### [Dataset content]
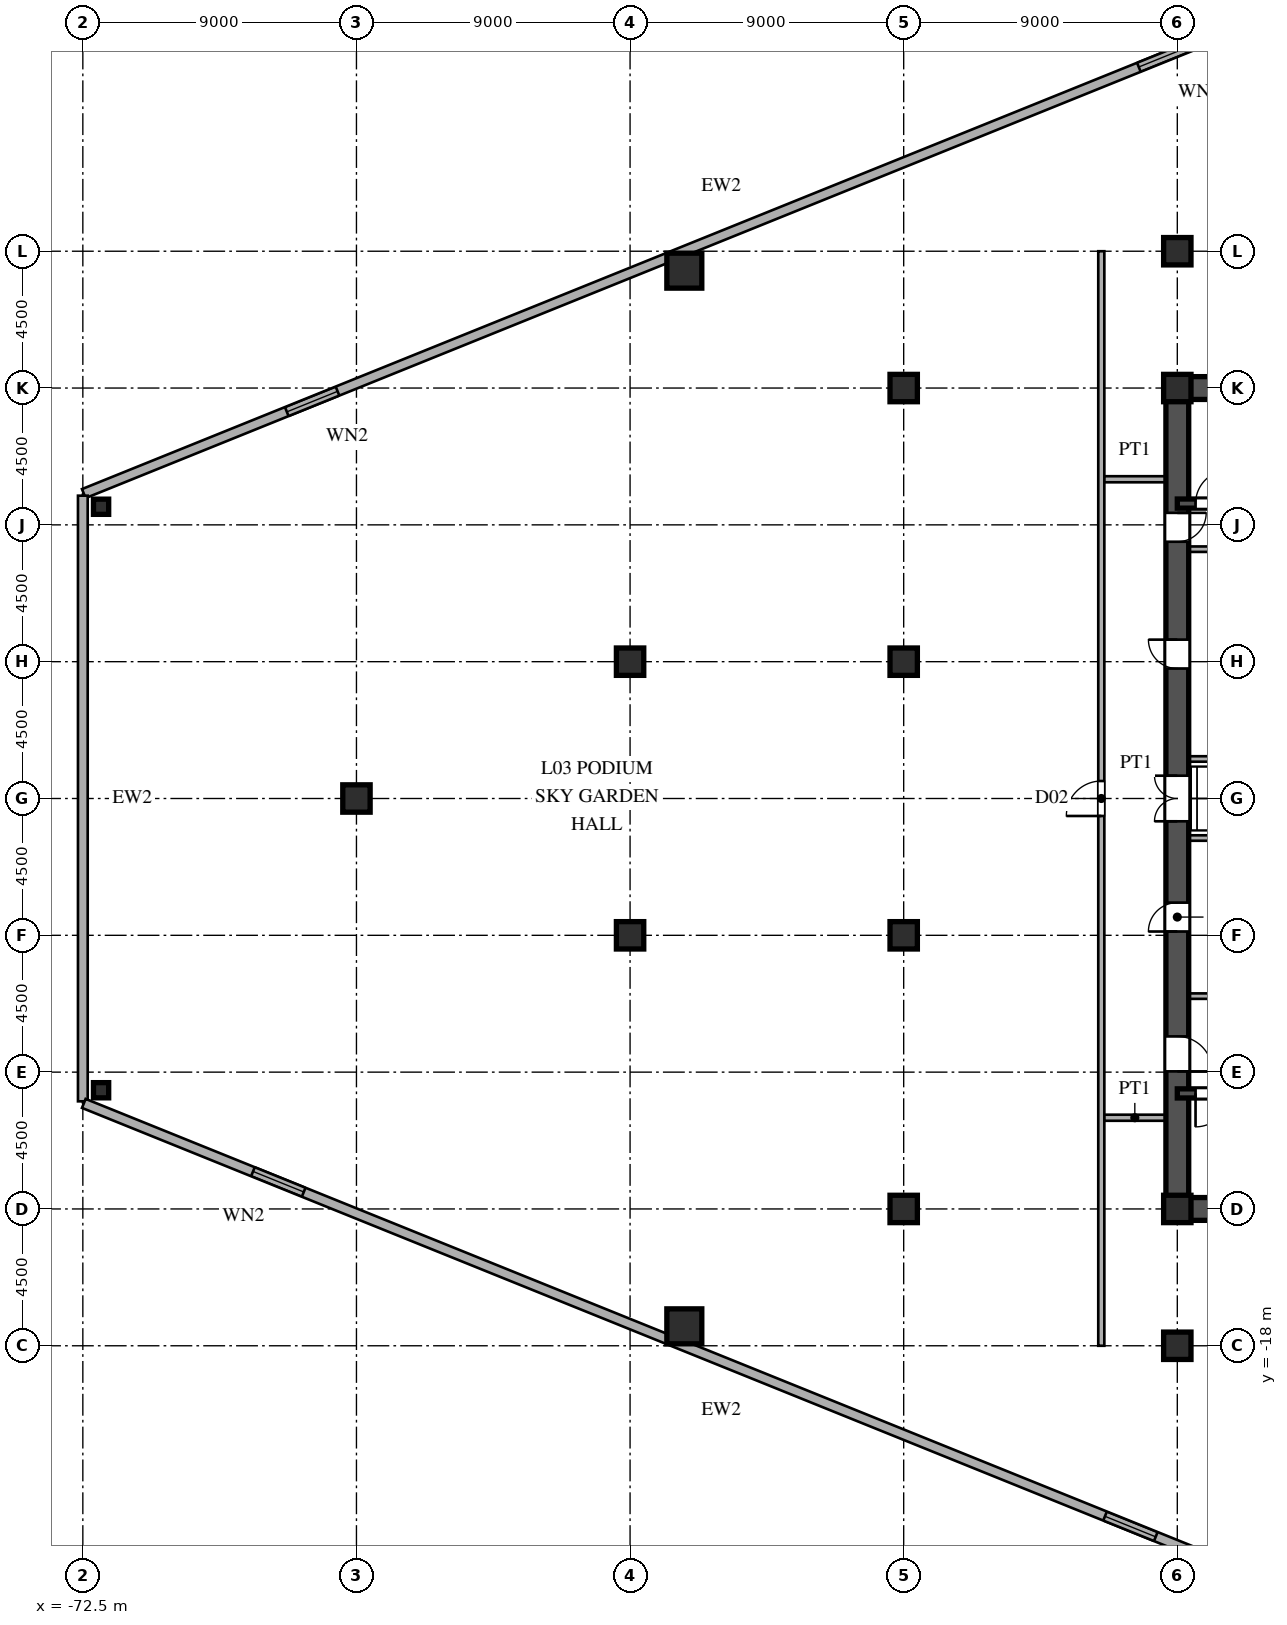
"""IFC4 building model, lengths in metres.
Left out: names, types, materials, properties, quantities, classifications, styles, units other than length and angle.
Written with IfcOpenShell. Run it as: python <this file> out.ifc"""

import sys

from ifc_helpers import new_model, si_unit, direction, frame, frame_2d, origin, origin_2d, place, context, subcontext, project, spatial, rectangle, hollow_rectangle, i_section, extrude, source, transform, mapped, element, fill, save


model = new_model("IFC4")
c1 = context("Model", 3, precision=1e-05, world=origin(), true_north=direction((0.0, 1.0)))
c2 = subcontext(c1, "Body", "Model", "MODEL_VIEW")
j1 = project(units=[si_unit("LENGTHUNIT", "METRE"), si_unit("PLANEANGLEUNIT", "RADIAN")], contexts=[c1])
p1 = place(None, origin())
s1 = spatial("IfcSite", under=j1, at=p1, CompositionType="ELEMENT")
p2 = place(p1, origin())
s2 = spatial("IfcBuilding", under=s1, at=p2, CompositionType="ELEMENT")
p3 = place(p2, frame((0.0, 0.0, 14.4)))
s3 = spatial("IfcBuildingStorey", under=s2, at=p3, CompositionType="ELEMENT", Elevation=14.4)
m1 = source(origin(), c2, "Body", "SweptSolid", [
    extrude(i_section(OverallWidth=0.9, OverallDepth=0.9, WebThickness=0.036, FlangeThickness=0.055, at=origin_2d()), origin(), (0.0, 0.0, 1.0), 4.5),
])
for number, where, z_axis, x_axis in (
    (1, (-36.5, -18.0, 0.0), (0.0, 0.0, 1.0), (1.0, 0.0, 0.0)),
    (2, (-36.5, -13.5, 0.0), (0.0, 0.0, 1.0), (1.0, 0.0, 0.0)),
    (3, (-36.5, 13.5, 0.0), (0.0, 0.0, 1.0), (1.0, 0.0, 0.0)),
    (4, (-36.5, 18.0, 0.0), (0.0, 0.0, 1.0), (1.0, 0.0, 0.0)),
    (5, (-45.5, -13.5, 0.0), (0.0, 0.0, 1.0), (1.0, 0.0, 0.0)),
    (6, (-45.5, -4.5, 0.0), (0.0, 0.0, 1.0), (1.0, 0.0, 0.0)),
    (7, (-45.5, 4.5, 0.0), (0.0, 0.0, 1.0), (1.0, 0.0, 0.0)),
    (8, (-45.5, 13.5, 0.0), (0.0, 0.0, 1.0), (1.0, 0.0, 0.0)),
    (9, (-54.5, -4.5, 0.0), (0.0, 0.0, 1.0), (1.0, 0.0, 0.0)),
    (10, (-54.5, 4.5, 0.0), (0.0, 0.0, 1.0), (1.0, 0.0, 0.0)),
    (11, (-63.5, 0.0, 0.0), (0.0, 0.0, 1.0), (1.0, 0.0, 0.0)),
):
    element("IfcColumn", number, at=place(p3, frame(where, z_axis=z_axis, x_axis=x_axis)), inside=s3, PredefinedType="COLUMN", context=c2, shape_type="MappedRepresentation", body=[
        mapped(m1, transform((0.0, 0.0, 0.0), scale=1.0)),
    ])
m2 = source(origin(), c2, "Body", "SweptSolid", [
    extrude(hollow_rectangle(XDim=0.5, YDim=0.5, WallThickness=0.02, at=origin_2d()), origin(), (0.0, 0.0, 1.0), 4.5),
])
for number, where, z_axis, x_axis in (
    (12, (-71.9, 9.596, 0.0), (0.0, 0.0, 1.0), (1.0, 0.0, 0.0)),
    (13, (-71.9, -9.596, 0.0), (0.0, 0.0, 1.0), (1.0, 0.0, 0.0)),
):
    element("IfcColumn", number, at=place(p3, frame(where, z_axis=z_axis, x_axis=x_axis)), inside=s3, PredefinedType="COLUMN", context=c2, shape_type="MappedRepresentation", body=[
        mapped(m2, transform((0.0, 0.0, 0.0), scale=1.0)),
    ])
m3 = source(origin(), c2, "Body", "SweptSolid", [
    extrude(hollow_rectangle(XDim=1.15, YDim=1.15, WallThickness=0.048, at=origin_2d()), origin(), (0.0, 0.0, 1.0), 4.5),
])
for number, where, z_axis, x_axis in (
    (14, (-52.716, -17.361, 0.0), (0.0, 0.0, 1.0), (1.0, 0.0, 0.0)),
    (15, (-52.716, 17.361, 0.0), (0.0, 0.0, 1.0), (1.0, 0.0, 0.0)),
):
    element("IfcColumn", number, at=place(p3, frame(where, z_axis=z_axis, x_axis=x_axis)), inside=s3, PredefinedType="COLUMN", context=c2, shape_type="MappedRepresentation", body=[
        mapped(m3, transform((0.0, 0.0, 0.0), scale=1.0)),
    ])
p4 = place(p3, frame((-72.463, -10.015, 0.0), z_axis=(0.0, 0.0, 1.0), x_axis=(0.926944846568, -0.375197616492, 0.0)))
e16 = element("IfcWall", 16, at=p4, inside=s3, PredefinedType="SOLIDWALL", context=c2, shape_type="SweptSolid", body=[
    extrude(rectangle(XDim=45.23, YDim=0.32, at=frame_2d((22.615, 0.0))), origin(), (0.0, 0.0, 1.0), 4.28),
])
p5 = place(p4, frame((6.0, 0.0, 0.85)))
e17 = element("IfcOpeningElement", 17, at=p5, cuts=e16, PredefinedType="OPENING", context=c2, shape_type="SweptSolid", body=[
    extrude(rectangle(XDim=1.8, YDim=2.0, at=frame_2d((0.9, 1.0))), frame((0.0, 0.17, 0.0), z_axis=(0.0, -1.0, 0.0), x_axis=(1.0, 0.0, 0.0)), (0.0, 0.0, 1.0), 0.34),
])
p6 = place(p4, frame((36.23, 0.0, 0.85)))
e18 = element("IfcOpeningElement", 18, at=p6, cuts=e16, PredefinedType="OPENING", context=c2, shape_type="SweptSolid", body=[
    extrude(rectangle(XDim=1.8, YDim=2.0, at=frame_2d((0.9, 1.0))), frame((0.0, 0.17, 0.0), z_axis=(0.0, -1.0, 0.0), x_axis=(1.0, 0.0, 0.0)), (0.0, 0.0, 1.0), 0.34),
])
p7 = place(p3, frame((-30.537, 26.985, 0.0), z_axis=(0.0, 0.0, 1.0), x_axis=(-0.926944846568, -0.375197616492, 0.0)))
e19 = element("IfcWall", 19, at=p7, inside=s3, PredefinedType="SOLIDWALL", context=c2, shape_type="SweptSolid", body=[
    extrude(rectangle(XDim=45.23, YDim=0.32, at=frame_2d((22.615, 0.0))), origin(), (0.0, 0.0, 1.0), 4.28),
])
p8 = place(p7, frame((6.0, 0.0, 0.85)))
e20 = element("IfcOpeningElement", 20, at=p8, cuts=e19, PredefinedType="OPENING", context=c2, shape_type="SweptSolid", body=[
    extrude(rectangle(XDim=1.8, YDim=2.0, at=frame_2d((0.9, 1.0))), frame((0.0, 0.17, 0.0), z_axis=(0.0, -1.0, 0.0), x_axis=(1.0, 0.0, 0.0)), (0.0, 0.0, 1.0), 0.34),
])
p9 = place(p7, frame((36.23, 0.0, 0.85)))
e21 = element("IfcOpeningElement", 21, at=p9, cuts=e19, PredefinedType="OPENING", context=c2, shape_type="SweptSolid", body=[
    extrude(rectangle(XDim=1.8, YDim=2.0, at=frame_2d((0.9, 1.0))), frame((0.0, 0.17, 0.0), z_axis=(0.0, -1.0, 0.0), x_axis=(1.0, 0.0, 0.0)), (0.0, 0.0, 1.0), 0.34),
])
p10 = place(p3, frame((-72.5, 9.96, 0.0), z_axis=(0.0, 0.0, 1.0), x_axis=(0.0, -1.0, 0.0)))
e22 = element("IfcWall", 22, at=p10, inside=s3, PredefinedType="SOLIDWALL", context=c2, shape_type="SweptSolid", body=[
    extrude(rectangle(XDim=19.92, YDim=0.32, at=frame_2d((9.96, 0.0))), origin(), (0.0, 0.0, 1.0), 4.28),
])
for number, where, z_axis, x_axis in (
    (23, (-36.5, -13.5, 0.0), (0.0, 0.0, 1.0), (1.0, 0.0, 0.0)),
    (24, (-36.5, 13.5, 0.0), (0.0, 0.0, 1.0), (1.0, 0.0, 0.0)),
):
    element("IfcWall", number, at=place(p3, frame(where, z_axis=z_axis, x_axis=x_axis)), inside=s3, PredefinedType="SHEAR", context=c2, shape_type="SweptSolid", body=[
        extrude(rectangle(XDim=9.0, YDim=0.75, at=frame_2d((4.5, 0.0))), origin(), (0.0, 0.0, 1.0), 4.28),
    ])
p11 = place(p3, frame((-36.5, -13.65, 0.0), z_axis=(0.0, 0.0, 1.0), x_axis=(0.0, 1.0, 0.0)))
e25 = element("IfcWall", 25, at=p11, inside=s3, PredefinedType="SHEAR", context=c2, shape_type="SweptSolid", body=[
    extrude(rectangle(XDim=7.15, YDim=0.75, at=frame_2d((3.575, 0.0))), origin(), (0.0, 0.0, 1.0), 4.28),
])
p12 = place(p11, frame((4.675, 0.0, 0.0)))
e26 = element("IfcOpeningElement", 26, at=p12, cuts=e25, PredefinedType="OPENING", context=c2, shape_type="SweptSolid", body=[
    extrude(rectangle(XDim=1.15, YDim=2.2, at=frame_2d((0.575, 1.1))), frame((0.0, 0.385, 0.0), z_axis=(0.0, -1.0, 0.0), x_axis=(1.0, 0.0, 0.0)), (0.0, 0.0, 1.0), 0.77),
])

### [Exercise prompt]
Return nothing but the lines running from the start of the data to the line with "p2 = place(p1, origin())", please, both ends included and no pictures.

### [Answer section]
"""IFC4 building model, lengths in metres.
Left out: names, types, materials, properties, quantities, classifications, styles, units other than length and angle.
Written with IfcOpenShell. Run it as: python <this file> out.ifc"""

import sys

from ifc_helpers import new_model, si_unit, direction, frame, frame_2d, origin, origin_2d, place, context, subcontext, project, spatial, rectangle, hollow_rectangle, i_section, extrude, source, transform, mapped, element, fill, save


model = new_model("IFC4")
c1 = context("Model", 3, precision=1e-05, world=origin(), true_north=direction((0.0, 1.0)))
c2 = subcontext(c1, "Body", "Model", "MODEL_VIEW")
j1 = project(units=[si_unit("LENGTHUNIT", "METRE"), si_unit("PLANEANGLEUNIT", "RADIAN")], contexts=[c1])
p1 = place(None, origin())
s1 = spatial("IfcSite", under=j1, at=p1, CompositionType="ELEMENT")
p2 = place(p1, origin())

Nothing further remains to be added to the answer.